Wherever the string "CompositionType" appears in a line of the listing below, report that line.

INPUT FOR THIS TASK →
·····
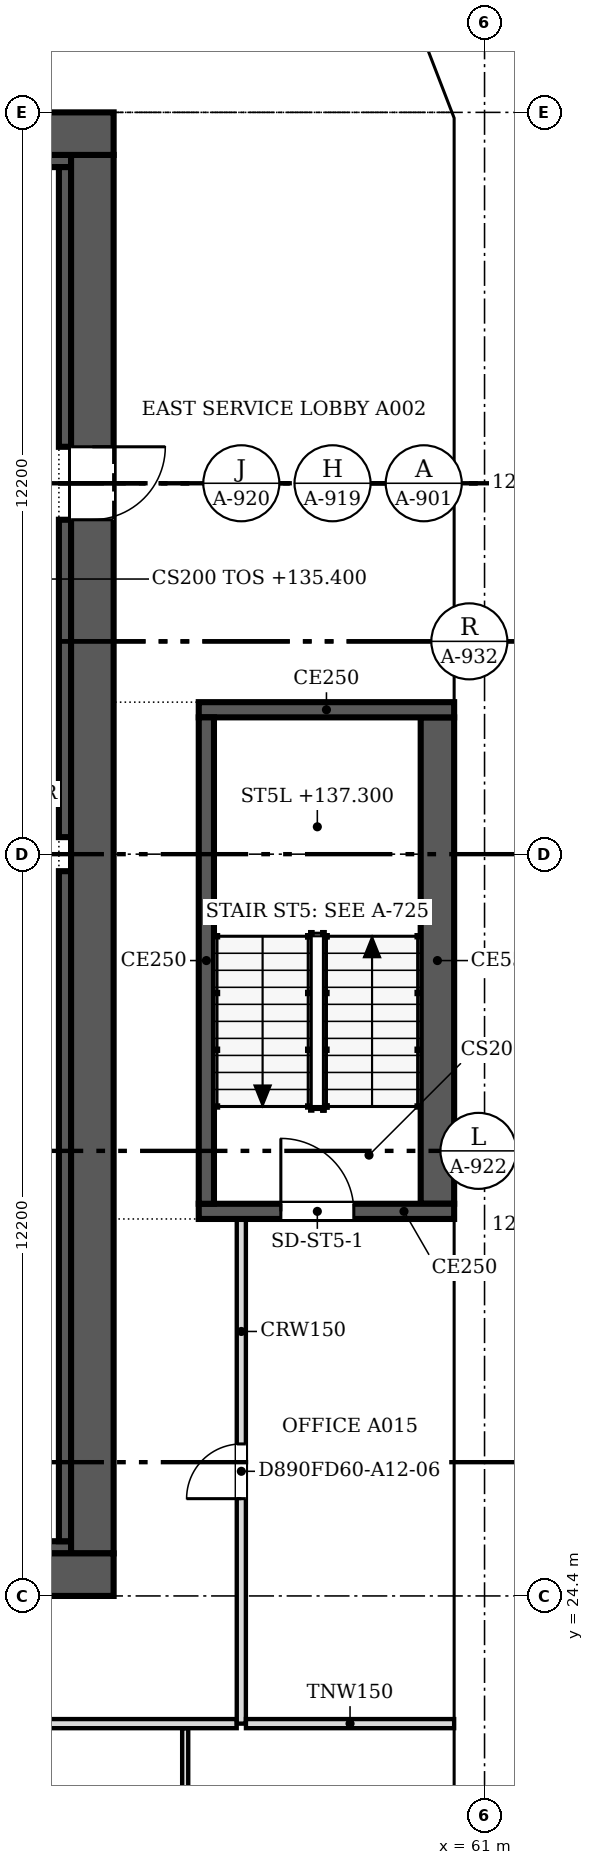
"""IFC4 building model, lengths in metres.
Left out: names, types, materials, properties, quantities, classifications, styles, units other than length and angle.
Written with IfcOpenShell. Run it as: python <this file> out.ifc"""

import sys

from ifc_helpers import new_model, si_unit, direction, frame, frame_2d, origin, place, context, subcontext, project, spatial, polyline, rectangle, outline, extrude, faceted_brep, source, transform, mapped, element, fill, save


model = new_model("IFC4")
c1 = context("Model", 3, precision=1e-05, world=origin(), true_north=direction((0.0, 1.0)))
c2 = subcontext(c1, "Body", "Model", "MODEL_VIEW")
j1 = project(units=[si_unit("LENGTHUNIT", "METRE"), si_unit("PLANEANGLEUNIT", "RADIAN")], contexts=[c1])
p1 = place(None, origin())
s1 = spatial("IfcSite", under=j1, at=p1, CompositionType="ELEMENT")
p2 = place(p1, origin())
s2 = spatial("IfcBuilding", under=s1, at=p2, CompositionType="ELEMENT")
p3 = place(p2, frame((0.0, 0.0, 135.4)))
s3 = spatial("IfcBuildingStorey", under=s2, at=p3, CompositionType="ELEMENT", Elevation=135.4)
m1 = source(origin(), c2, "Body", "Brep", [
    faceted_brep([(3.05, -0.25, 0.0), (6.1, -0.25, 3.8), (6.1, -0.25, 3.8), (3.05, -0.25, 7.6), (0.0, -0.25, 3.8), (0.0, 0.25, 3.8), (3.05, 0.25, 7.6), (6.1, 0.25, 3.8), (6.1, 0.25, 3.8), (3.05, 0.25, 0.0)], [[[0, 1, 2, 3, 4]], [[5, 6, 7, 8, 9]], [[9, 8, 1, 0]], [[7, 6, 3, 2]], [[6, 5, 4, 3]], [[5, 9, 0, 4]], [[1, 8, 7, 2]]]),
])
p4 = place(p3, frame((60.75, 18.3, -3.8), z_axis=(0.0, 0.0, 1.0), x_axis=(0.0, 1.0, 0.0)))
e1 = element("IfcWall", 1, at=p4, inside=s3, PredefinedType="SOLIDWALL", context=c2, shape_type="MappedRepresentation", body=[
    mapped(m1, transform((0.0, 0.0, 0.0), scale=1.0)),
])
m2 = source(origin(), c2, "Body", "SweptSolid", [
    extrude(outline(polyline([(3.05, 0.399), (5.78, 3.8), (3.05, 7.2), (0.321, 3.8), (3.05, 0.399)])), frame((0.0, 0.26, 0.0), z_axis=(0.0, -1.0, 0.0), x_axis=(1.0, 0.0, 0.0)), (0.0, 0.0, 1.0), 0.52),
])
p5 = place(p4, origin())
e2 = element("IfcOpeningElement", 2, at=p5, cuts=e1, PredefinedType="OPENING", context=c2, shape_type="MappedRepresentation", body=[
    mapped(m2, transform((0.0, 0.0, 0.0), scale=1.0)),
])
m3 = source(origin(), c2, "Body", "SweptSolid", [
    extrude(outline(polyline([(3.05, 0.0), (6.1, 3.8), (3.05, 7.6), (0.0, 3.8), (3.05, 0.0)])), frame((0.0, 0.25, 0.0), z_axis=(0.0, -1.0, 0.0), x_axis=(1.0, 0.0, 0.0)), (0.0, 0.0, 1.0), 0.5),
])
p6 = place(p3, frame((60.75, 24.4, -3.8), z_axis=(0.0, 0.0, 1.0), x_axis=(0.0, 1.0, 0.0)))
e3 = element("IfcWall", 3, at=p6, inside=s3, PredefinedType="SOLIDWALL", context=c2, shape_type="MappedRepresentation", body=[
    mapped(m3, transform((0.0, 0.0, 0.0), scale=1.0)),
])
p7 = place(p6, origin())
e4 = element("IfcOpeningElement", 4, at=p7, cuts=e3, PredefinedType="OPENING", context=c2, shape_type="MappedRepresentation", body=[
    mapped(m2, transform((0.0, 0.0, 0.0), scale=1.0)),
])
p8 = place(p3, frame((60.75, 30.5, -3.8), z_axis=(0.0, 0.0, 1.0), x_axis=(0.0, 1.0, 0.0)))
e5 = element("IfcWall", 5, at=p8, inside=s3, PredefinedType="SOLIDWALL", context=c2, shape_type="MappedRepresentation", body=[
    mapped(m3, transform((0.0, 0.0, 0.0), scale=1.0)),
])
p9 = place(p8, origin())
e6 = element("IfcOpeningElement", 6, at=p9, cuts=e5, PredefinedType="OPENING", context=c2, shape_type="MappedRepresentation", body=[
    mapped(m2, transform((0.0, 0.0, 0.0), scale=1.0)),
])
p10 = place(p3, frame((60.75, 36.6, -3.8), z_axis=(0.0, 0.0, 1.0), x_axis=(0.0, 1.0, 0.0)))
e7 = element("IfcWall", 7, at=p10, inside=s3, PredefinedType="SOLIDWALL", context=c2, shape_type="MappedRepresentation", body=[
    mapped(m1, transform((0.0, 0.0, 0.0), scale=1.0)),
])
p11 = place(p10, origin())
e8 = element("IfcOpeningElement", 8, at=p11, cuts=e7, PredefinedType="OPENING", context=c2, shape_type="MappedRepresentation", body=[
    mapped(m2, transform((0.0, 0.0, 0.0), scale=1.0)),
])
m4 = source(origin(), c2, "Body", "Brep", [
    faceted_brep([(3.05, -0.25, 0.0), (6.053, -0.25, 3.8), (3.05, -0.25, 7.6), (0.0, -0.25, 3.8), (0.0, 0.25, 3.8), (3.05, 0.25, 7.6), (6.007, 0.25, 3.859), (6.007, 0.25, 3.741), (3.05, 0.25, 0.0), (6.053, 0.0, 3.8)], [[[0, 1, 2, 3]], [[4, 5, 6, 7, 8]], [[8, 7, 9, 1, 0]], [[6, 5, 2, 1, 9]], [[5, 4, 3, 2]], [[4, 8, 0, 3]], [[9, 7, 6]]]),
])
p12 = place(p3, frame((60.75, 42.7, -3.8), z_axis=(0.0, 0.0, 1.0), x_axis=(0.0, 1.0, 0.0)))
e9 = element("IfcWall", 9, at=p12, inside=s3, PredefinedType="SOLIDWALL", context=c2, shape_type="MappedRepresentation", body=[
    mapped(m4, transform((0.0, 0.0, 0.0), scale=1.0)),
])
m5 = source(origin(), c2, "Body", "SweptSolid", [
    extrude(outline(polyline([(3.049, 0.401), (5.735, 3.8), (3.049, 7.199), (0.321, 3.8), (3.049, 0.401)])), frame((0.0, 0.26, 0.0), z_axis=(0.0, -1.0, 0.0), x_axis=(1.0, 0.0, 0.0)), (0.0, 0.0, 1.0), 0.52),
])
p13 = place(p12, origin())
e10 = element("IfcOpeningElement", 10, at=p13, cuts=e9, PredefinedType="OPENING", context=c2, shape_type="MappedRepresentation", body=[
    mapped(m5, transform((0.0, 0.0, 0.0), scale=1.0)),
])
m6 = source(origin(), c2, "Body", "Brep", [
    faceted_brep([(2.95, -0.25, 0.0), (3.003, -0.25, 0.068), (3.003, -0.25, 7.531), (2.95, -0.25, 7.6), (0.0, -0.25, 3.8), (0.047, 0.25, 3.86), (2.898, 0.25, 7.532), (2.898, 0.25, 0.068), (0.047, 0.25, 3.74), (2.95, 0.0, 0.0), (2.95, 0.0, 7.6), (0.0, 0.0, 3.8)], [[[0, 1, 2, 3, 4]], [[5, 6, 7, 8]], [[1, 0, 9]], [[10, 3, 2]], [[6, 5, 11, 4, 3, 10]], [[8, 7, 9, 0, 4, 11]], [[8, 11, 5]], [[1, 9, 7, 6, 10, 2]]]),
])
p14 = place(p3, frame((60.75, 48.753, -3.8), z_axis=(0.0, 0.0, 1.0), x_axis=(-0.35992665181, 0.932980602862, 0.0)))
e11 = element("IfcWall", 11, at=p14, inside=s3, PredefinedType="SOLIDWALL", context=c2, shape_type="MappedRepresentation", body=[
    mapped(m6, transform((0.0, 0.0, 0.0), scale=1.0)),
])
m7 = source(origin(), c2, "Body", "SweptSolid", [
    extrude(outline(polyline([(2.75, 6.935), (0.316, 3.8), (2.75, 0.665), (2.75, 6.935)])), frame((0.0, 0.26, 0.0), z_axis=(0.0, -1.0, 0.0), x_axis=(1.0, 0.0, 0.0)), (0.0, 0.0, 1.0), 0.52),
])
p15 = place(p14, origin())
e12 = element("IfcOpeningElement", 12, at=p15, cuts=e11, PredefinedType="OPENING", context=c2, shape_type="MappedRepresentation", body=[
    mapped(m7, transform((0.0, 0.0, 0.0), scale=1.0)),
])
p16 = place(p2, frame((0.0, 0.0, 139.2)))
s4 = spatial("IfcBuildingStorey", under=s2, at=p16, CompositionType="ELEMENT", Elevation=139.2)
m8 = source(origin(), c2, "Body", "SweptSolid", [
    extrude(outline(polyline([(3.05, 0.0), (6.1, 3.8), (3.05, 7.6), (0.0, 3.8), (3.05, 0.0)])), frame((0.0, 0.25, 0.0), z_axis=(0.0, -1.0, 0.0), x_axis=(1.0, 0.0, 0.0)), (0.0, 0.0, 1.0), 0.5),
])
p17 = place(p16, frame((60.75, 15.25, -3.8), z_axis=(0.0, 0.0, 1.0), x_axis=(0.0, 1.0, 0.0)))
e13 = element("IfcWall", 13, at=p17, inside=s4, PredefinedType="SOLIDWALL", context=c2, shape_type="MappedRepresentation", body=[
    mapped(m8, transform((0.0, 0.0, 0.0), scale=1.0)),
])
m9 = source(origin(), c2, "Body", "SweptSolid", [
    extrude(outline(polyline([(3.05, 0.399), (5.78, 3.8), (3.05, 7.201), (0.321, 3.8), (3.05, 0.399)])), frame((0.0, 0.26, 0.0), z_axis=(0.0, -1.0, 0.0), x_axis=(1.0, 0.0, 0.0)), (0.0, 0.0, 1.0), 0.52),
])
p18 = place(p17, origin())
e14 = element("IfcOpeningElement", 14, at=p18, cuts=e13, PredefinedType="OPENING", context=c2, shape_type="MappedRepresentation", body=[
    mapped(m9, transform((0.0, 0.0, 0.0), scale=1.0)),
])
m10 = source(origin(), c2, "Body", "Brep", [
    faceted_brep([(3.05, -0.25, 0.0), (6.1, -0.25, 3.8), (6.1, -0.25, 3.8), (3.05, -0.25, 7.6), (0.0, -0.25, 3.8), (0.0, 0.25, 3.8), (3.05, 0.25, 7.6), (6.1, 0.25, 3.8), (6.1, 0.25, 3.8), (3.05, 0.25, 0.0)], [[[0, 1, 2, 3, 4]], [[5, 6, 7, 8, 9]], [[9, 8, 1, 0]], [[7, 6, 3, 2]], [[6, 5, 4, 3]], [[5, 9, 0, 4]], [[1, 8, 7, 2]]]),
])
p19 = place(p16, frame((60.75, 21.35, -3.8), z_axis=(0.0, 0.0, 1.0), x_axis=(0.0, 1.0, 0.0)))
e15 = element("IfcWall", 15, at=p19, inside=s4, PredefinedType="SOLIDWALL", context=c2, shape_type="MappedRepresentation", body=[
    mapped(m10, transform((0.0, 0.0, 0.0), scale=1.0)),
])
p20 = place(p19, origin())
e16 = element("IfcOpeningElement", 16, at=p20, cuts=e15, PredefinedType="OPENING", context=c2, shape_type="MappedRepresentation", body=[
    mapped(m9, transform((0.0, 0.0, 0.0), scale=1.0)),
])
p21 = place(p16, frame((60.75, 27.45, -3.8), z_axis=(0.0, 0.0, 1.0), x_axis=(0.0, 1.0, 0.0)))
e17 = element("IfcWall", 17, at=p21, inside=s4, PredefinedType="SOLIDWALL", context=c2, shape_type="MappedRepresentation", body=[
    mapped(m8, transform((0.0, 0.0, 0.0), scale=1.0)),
·····
WRITTEN SOLUTION →
s1 = spatial("IfcSite", under=j1, at=p1, CompositionType="ELEMENT")
s2 = spatial("IfcBuilding", under=s1, at=p2, CompositionType="ELEMENT")
s3 = spatial("IfcBuildingStorey", under=s2, at=p3, CompositionType="ELEMENT", Elevation=135.4)
s4 = spatial("IfcBuildingStorey", under=s2, at=p16, CompositionType="ELEMENT", Elevation=139.2)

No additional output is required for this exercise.